Output exactly the lines that run from the start of the records to the line with "p3 = place(p2, frame((0.0, 0.0, 5.4)))", counting both ends, and skip the pictures.

> GIVEN DATA
□ □ □ □ □

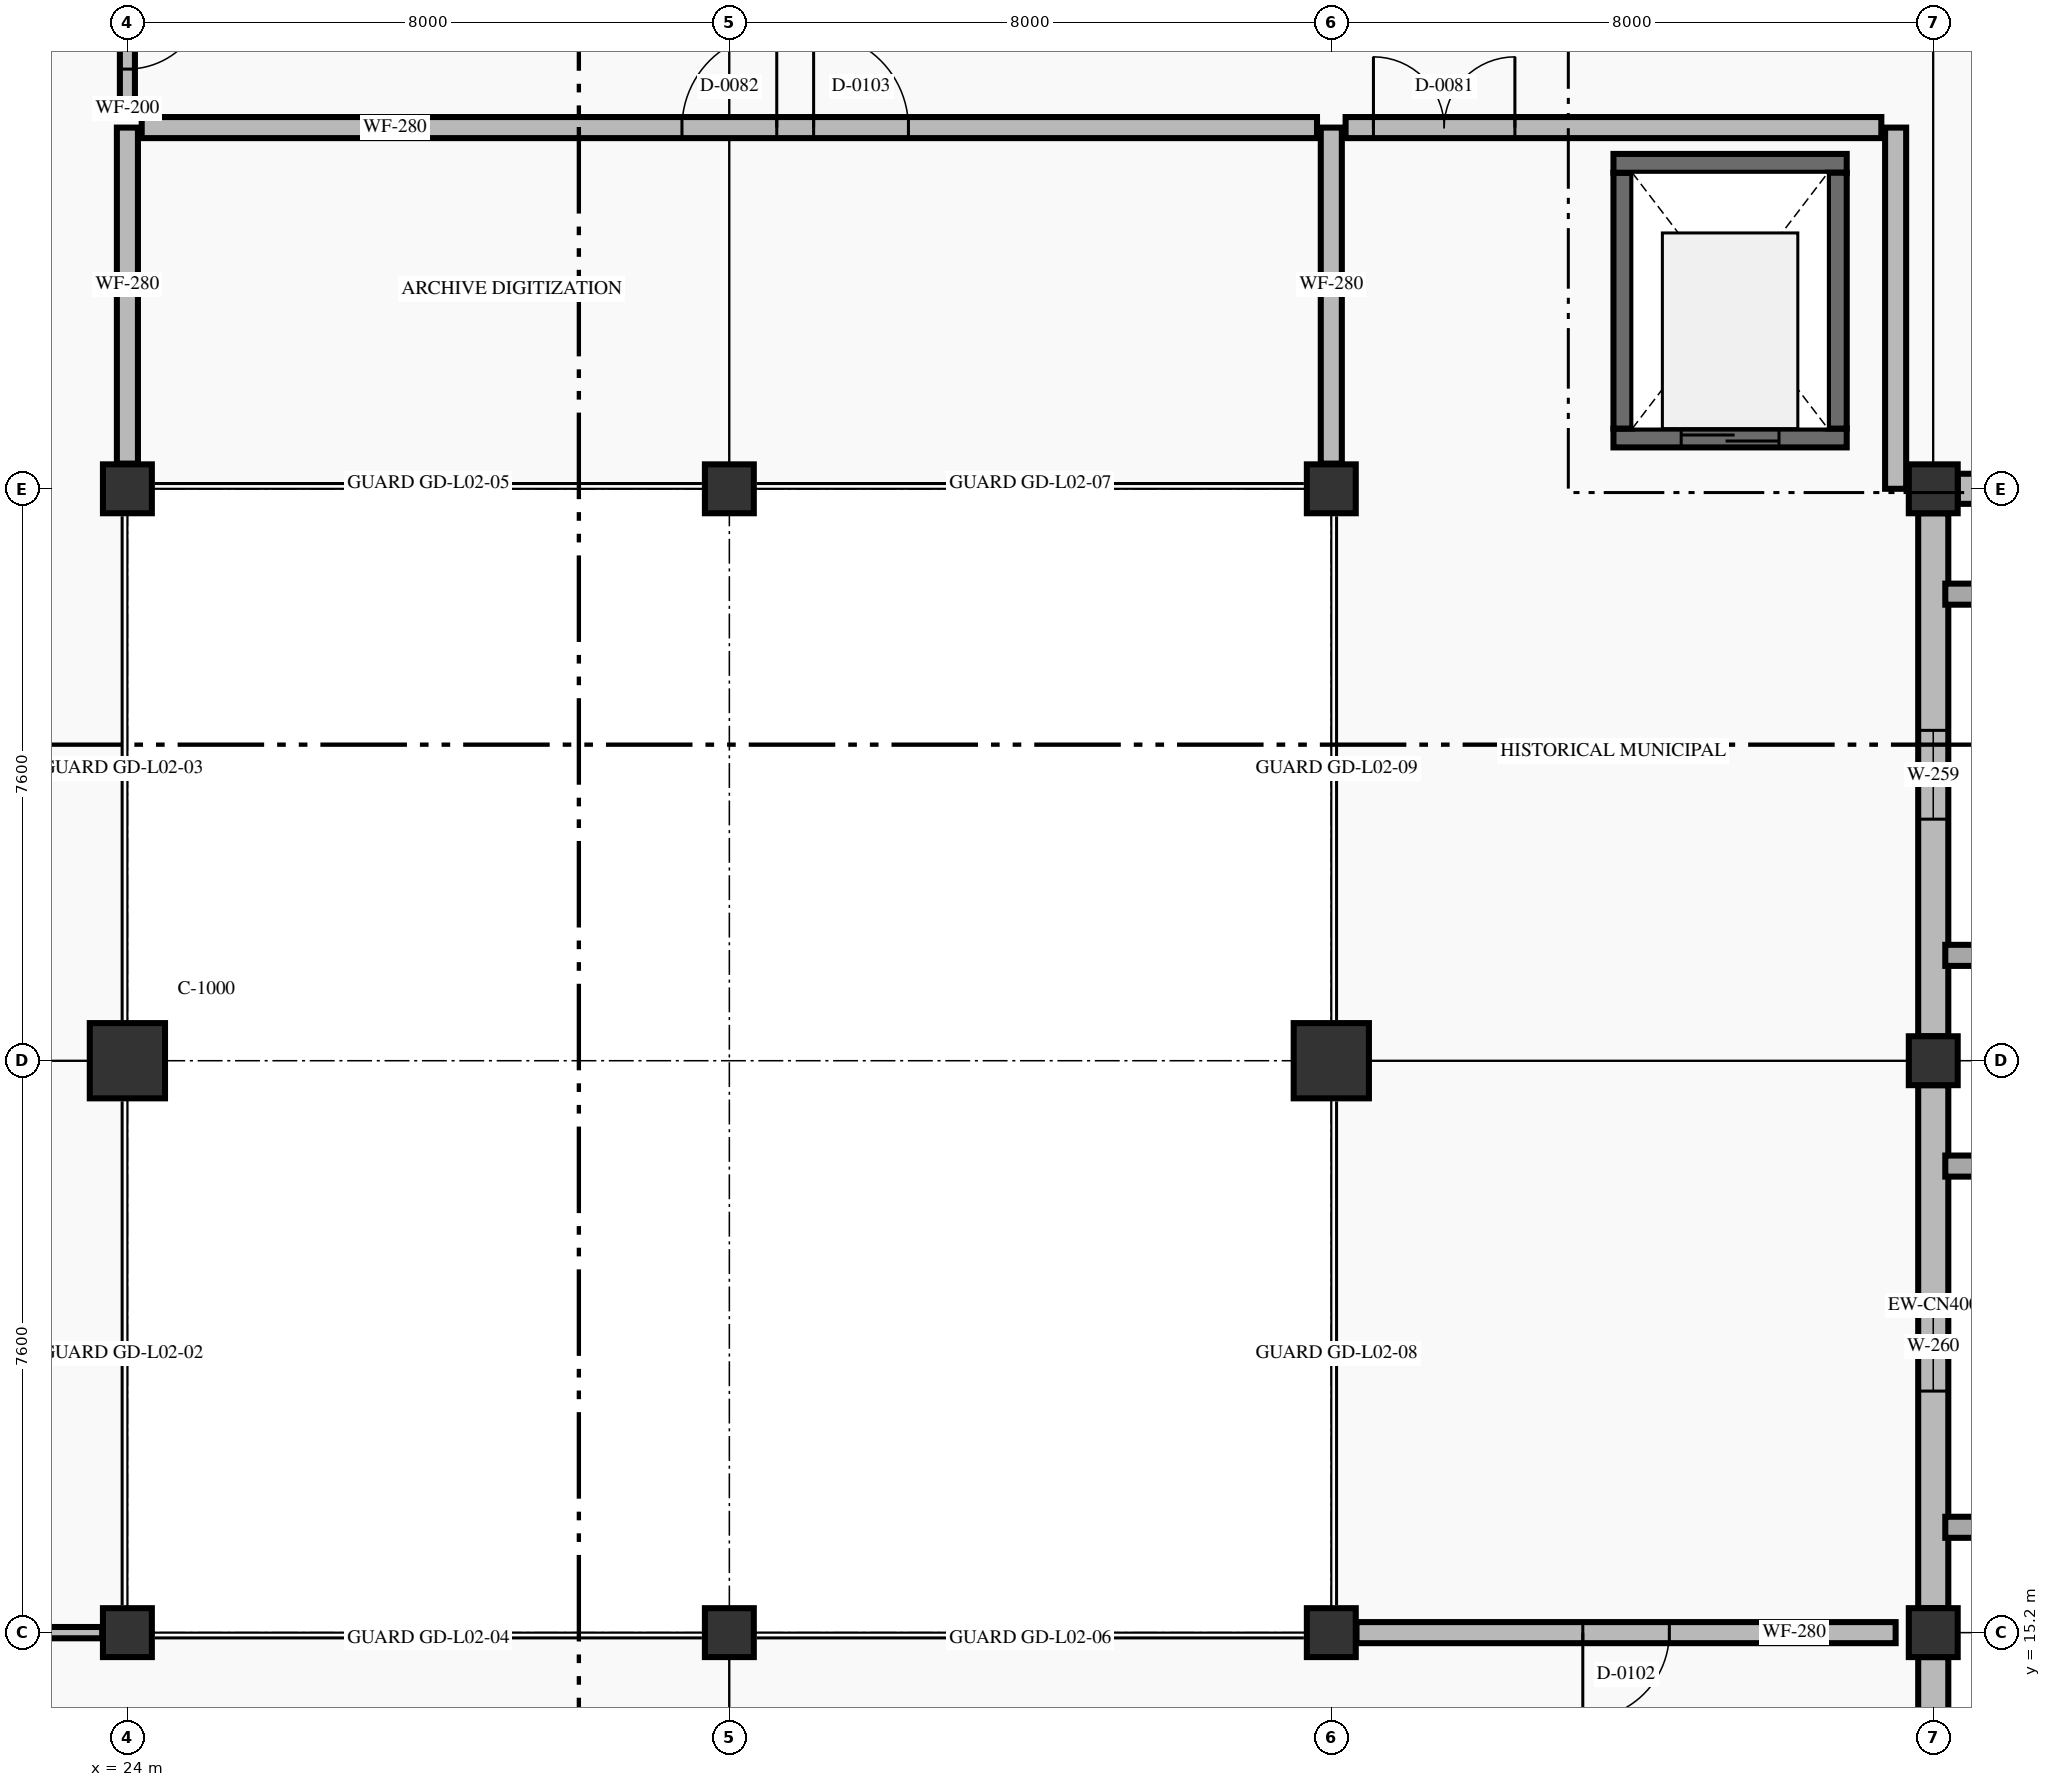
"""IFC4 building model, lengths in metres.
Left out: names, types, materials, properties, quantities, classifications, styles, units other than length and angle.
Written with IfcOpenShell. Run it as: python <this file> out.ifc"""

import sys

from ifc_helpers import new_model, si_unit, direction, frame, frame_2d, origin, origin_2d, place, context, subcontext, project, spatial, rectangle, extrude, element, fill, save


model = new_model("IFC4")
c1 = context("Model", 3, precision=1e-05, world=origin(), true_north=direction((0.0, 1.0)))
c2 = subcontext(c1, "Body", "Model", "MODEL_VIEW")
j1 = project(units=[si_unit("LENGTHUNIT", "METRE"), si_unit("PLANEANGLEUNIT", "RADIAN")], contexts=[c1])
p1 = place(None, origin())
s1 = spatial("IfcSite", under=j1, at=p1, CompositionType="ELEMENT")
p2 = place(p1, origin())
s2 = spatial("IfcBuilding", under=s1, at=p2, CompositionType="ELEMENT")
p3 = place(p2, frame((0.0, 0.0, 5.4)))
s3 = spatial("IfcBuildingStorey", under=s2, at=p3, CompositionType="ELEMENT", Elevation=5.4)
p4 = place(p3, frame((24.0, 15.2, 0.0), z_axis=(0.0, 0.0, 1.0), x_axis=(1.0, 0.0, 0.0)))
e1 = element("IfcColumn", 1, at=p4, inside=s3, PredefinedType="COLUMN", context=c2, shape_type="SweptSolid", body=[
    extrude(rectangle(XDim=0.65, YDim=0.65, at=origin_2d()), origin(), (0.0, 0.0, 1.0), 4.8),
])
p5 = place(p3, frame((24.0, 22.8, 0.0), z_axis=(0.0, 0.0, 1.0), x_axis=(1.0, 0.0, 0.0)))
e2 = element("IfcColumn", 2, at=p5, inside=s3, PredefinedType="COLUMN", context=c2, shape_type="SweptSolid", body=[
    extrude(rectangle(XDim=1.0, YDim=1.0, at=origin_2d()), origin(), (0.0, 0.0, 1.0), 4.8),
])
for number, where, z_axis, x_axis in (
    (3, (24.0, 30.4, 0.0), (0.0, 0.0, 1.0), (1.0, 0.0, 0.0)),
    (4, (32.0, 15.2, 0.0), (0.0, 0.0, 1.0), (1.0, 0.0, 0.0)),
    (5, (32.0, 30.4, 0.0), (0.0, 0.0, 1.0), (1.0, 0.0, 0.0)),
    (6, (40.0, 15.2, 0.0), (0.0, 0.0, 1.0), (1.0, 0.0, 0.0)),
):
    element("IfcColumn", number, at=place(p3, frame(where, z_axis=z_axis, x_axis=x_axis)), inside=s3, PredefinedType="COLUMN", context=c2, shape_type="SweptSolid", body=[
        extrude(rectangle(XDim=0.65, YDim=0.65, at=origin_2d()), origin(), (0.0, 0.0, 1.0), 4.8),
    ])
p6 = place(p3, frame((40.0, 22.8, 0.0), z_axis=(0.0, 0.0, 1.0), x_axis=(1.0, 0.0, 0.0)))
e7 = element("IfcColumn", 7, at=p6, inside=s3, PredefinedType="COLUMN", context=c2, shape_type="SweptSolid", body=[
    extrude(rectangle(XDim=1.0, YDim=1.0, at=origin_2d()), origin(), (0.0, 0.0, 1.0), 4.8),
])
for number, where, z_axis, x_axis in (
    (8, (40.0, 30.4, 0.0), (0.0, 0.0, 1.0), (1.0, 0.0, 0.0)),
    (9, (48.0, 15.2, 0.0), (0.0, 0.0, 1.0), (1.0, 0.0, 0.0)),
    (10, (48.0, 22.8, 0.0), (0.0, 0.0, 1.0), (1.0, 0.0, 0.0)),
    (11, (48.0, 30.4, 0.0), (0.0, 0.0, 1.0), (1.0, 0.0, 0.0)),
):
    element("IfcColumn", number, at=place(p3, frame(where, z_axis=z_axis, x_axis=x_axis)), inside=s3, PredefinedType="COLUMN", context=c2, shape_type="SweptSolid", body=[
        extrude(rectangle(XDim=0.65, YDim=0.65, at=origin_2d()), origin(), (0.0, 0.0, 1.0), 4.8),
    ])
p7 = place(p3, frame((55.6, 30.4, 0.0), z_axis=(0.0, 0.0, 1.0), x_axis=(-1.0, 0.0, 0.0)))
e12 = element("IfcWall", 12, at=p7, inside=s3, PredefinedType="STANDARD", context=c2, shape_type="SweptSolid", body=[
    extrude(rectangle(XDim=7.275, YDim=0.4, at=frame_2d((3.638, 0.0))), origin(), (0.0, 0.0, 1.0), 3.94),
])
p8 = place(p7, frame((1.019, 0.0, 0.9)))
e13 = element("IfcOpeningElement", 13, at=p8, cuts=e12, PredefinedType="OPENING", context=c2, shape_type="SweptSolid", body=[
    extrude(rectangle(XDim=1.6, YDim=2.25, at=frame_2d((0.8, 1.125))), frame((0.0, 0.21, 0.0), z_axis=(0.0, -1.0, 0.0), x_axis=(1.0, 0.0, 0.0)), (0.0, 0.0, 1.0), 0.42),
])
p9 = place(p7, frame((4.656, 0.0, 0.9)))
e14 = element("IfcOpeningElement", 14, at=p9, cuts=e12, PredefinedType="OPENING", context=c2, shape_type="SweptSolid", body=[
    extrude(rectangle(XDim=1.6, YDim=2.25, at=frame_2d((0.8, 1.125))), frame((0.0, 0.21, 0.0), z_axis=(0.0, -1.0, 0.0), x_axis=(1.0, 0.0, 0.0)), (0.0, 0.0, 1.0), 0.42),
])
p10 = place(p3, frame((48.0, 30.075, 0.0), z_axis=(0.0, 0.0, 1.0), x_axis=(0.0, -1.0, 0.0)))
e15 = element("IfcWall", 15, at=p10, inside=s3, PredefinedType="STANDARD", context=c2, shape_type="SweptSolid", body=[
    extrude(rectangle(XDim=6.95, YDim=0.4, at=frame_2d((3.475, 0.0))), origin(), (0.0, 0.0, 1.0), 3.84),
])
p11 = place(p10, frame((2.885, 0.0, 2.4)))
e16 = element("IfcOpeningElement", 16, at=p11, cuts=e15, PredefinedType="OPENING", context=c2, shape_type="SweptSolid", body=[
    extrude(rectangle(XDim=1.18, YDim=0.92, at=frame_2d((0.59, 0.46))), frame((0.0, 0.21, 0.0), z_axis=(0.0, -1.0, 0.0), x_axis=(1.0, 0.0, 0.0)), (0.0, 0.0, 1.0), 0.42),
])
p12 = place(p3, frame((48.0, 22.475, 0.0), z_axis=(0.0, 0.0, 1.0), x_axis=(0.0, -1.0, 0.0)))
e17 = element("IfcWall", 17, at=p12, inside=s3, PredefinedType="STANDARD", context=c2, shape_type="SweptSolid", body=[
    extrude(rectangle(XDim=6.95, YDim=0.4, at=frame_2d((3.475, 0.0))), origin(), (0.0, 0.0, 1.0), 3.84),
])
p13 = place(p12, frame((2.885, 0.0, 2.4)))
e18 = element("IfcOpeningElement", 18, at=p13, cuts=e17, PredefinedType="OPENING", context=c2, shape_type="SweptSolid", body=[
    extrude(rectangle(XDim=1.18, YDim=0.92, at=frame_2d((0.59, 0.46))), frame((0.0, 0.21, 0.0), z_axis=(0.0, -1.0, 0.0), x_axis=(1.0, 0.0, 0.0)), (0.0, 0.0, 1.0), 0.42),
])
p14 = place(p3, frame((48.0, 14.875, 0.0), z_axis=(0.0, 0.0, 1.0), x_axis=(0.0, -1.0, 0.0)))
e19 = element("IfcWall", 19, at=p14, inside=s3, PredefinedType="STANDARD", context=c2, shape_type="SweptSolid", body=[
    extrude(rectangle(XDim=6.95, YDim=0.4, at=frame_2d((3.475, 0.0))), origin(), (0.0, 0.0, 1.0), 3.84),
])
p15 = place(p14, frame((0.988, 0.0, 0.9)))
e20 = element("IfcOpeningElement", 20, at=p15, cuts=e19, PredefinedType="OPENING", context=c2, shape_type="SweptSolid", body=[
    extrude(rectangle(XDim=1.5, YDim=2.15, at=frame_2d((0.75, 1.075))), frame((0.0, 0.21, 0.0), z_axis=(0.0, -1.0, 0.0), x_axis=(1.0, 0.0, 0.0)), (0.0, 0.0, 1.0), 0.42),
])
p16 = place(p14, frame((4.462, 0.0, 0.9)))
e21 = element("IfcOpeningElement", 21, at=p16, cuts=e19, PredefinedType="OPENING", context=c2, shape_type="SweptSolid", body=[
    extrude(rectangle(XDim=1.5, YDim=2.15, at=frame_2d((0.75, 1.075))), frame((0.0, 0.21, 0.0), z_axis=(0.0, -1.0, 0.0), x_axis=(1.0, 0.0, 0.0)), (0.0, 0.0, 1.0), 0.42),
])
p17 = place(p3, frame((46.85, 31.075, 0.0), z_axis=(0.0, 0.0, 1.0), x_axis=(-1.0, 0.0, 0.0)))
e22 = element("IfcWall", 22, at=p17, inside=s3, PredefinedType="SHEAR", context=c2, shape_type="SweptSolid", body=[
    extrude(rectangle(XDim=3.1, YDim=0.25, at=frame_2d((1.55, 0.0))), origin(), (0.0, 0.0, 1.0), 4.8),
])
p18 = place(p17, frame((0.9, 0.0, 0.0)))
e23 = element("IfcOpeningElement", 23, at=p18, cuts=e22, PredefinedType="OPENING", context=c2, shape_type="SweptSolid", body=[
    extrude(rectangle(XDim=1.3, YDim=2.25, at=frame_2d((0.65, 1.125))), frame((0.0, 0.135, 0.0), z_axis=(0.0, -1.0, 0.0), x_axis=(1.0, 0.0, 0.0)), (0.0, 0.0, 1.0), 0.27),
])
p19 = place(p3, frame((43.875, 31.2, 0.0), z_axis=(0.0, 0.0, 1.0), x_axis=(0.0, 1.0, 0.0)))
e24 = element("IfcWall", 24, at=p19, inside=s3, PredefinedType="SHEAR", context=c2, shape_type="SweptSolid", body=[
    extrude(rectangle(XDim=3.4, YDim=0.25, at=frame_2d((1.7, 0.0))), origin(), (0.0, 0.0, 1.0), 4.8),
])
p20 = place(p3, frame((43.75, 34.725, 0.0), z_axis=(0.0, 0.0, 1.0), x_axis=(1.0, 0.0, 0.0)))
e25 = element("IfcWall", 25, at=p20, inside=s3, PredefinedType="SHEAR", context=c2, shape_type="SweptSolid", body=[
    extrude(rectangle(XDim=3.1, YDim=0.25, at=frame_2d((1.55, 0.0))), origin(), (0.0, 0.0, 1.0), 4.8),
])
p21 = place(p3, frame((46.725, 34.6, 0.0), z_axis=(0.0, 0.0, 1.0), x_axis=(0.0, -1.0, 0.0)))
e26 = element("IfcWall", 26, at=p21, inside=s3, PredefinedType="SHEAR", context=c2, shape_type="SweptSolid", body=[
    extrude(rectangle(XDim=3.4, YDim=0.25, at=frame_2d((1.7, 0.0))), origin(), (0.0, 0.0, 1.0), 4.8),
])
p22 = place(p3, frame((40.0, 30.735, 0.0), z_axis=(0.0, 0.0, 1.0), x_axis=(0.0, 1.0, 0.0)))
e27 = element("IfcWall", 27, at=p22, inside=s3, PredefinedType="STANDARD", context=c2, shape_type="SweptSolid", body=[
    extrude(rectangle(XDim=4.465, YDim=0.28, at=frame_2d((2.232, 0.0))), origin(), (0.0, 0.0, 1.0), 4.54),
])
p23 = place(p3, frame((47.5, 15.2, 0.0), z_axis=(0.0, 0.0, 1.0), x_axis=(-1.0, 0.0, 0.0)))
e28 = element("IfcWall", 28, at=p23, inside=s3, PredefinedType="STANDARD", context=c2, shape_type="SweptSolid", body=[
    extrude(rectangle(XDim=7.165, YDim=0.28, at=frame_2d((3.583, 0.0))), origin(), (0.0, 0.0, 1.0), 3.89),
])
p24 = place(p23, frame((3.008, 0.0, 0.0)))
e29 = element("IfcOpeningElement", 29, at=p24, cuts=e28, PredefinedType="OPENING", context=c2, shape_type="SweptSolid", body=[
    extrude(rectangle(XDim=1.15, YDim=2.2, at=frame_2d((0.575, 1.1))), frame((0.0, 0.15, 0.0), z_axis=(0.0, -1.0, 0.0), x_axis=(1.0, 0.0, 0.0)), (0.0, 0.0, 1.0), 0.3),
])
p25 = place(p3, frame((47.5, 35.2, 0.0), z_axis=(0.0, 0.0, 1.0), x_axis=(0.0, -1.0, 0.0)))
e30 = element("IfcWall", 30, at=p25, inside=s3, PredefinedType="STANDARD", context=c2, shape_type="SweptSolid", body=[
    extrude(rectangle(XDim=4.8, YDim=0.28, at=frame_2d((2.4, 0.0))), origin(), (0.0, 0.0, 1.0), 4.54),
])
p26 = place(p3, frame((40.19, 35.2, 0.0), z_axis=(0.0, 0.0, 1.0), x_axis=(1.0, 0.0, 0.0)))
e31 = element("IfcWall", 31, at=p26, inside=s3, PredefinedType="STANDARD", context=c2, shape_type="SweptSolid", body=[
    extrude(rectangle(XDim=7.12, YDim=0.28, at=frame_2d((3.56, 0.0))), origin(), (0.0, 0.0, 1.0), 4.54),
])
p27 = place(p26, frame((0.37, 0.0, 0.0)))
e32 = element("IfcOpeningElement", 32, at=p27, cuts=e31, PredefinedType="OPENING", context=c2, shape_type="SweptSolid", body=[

□ □ □ □ □

> TASK SOLUTION
"""IFC4 building model, lengths in metres.
Left out: names, types, materials, properties, quantities, classifications, styles, units other than length and angle.
Written with IfcOpenShell. Run it as: python <this file> out.ifc"""

import sys

from ifc_helpers import new_model, si_unit, direction, frame, frame_2d, origin, origin_2d, place, context, subcontext, project, spatial, rectangle, extrude, element, fill, save


model = new_model("IFC4")
c1 = context("Model", 3, precision=1e-05, world=origin(), true_north=direction((0.0, 1.0)))
c2 = subcontext(c1, "Body", "Model", "MODEL_VIEW")
j1 = project(units=[si_unit("LENGTHUNIT", "METRE"), si_unit("PLANEANGLEUNIT", "RADIAN")], contexts=[c1])
p1 = place(None, origin())
s1 = spatial("IfcSite", under=j1, at=p1, CompositionType="ELEMENT")
p2 = place(p1, origin())
s2 = spatial("IfcBuilding", under=s1, at=p2, CompositionType="ELEMENT")
p3 = place(p2, frame((0.0, 0.0, 5.4)))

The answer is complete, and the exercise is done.